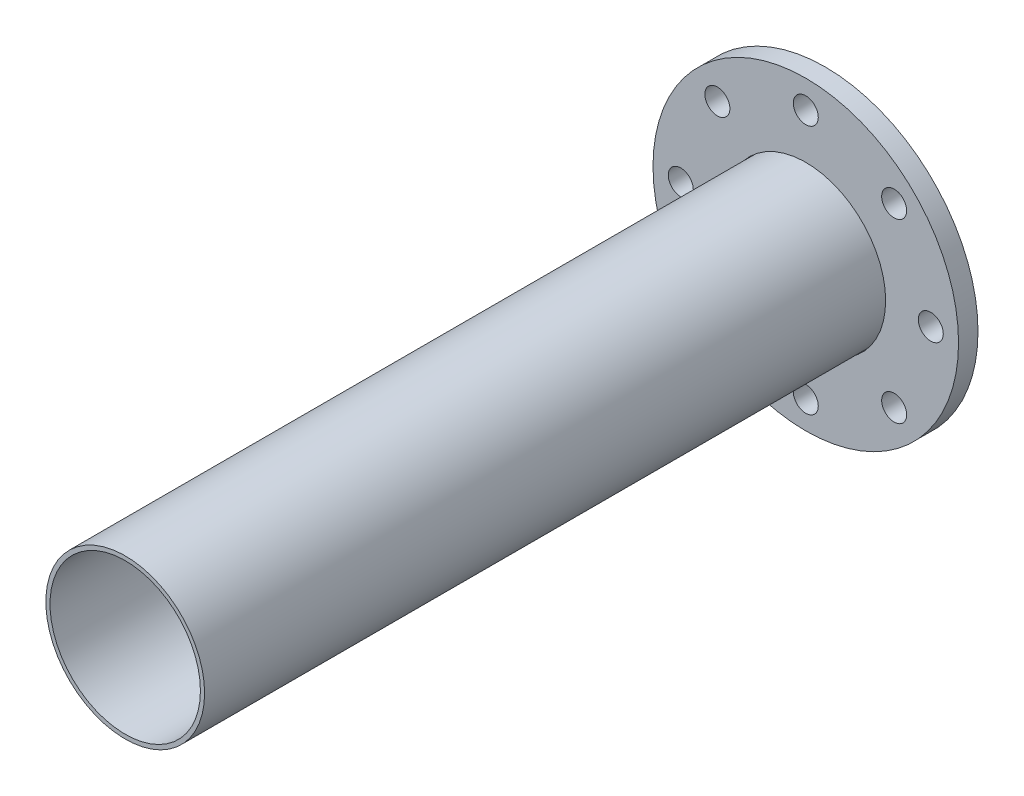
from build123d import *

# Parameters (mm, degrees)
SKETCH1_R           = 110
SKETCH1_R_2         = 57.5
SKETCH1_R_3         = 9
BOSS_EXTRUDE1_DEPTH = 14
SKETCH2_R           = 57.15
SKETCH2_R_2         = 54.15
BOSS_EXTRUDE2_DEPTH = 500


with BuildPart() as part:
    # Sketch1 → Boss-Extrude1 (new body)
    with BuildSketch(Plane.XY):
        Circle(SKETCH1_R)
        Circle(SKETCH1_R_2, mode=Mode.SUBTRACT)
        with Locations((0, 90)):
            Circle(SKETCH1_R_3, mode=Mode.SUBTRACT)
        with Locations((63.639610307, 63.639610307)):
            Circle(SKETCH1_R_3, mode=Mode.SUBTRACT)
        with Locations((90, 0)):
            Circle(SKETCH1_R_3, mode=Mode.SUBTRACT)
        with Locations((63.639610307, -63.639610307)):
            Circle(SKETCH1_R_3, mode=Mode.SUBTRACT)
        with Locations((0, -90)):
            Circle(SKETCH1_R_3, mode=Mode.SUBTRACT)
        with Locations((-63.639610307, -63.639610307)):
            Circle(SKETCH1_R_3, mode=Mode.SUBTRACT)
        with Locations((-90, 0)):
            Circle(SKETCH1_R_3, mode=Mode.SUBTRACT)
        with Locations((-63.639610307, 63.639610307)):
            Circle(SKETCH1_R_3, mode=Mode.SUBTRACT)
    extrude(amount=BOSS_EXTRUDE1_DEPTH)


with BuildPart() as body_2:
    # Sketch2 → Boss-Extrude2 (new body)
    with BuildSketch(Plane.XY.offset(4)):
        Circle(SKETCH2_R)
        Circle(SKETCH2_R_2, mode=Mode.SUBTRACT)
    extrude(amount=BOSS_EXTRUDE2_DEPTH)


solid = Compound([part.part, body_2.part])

== What needs to be done ==
Since the copy must contain no pictures, return only the text of the records, exactly as it stands.

== Result for this exercise ==
from build123d import *

# Parameters (mm, degrees)
SKETCH1_R           = 110
SKETCH1_R_2         = 57.5
SKETCH1_R_3         = 9
BOSS_EXTRUDE1_DEPTH = 14
SKETCH2_R           = 57.15
SKETCH2_R_2         = 54.15
BOSS_EXTRUDE2_DEPTH = 500


with BuildPart() as part:
    # Sketch1 → Boss-Extrude1 (new body)
    with BuildSketch(Plane.XY):
        Circle(SKETCH1_R)
        Circle(SKETCH1_R_2, mode=Mode.SUBTRACT)
        with Locations((0, 90)):
            Circle(SKETCH1_R_3, mode=Mode.SUBTRACT)
        with Locations((63.639610307, 63.639610307)):
            Circle(SKETCH1_R_3, mode=Mode.SUBTRACT)
        with Locations((90, 0)):
            Circle(SKETCH1_R_3, mode=Mode.SUBTRACT)
        with Locations((63.639610307, -63.639610307)):
            Circle(SKETCH1_R_3, mode=Mode.SUBTRACT)
        with Locations((0, -90)):
            Circle(SKETCH1_R_3, mode=Mode.SUBTRACT)
        with Locations((-63.639610307, -63.639610307)):
            Circle(SKETCH1_R_3, mode=Mode.SUBTRACT)
        with Locations((-90, 0)):
            Circle(SKETCH1_R_3, mode=Mode.SUBTRACT)
        with Locations((-63.639610307, 63.639610307)):
            Circle(SKETCH1_R_3, mode=Mode.SUBTRACT)
    extrude(amount=BOSS_EXTRUDE1_DEPTH)


with BuildPart() as body_2:
    # Sketch2 → Boss-Extrude2 (new body)
    with BuildSketch(Plane.XY.offset(4)):
        Circle(SKETCH2_R)
        Circle(SKETCH2_R_2, mode=Mode.SUBTRACT)
    extrude(amount=BOSS_EXTRUDE2_DEPTH)


solid = Compound([part.part, body_2.part])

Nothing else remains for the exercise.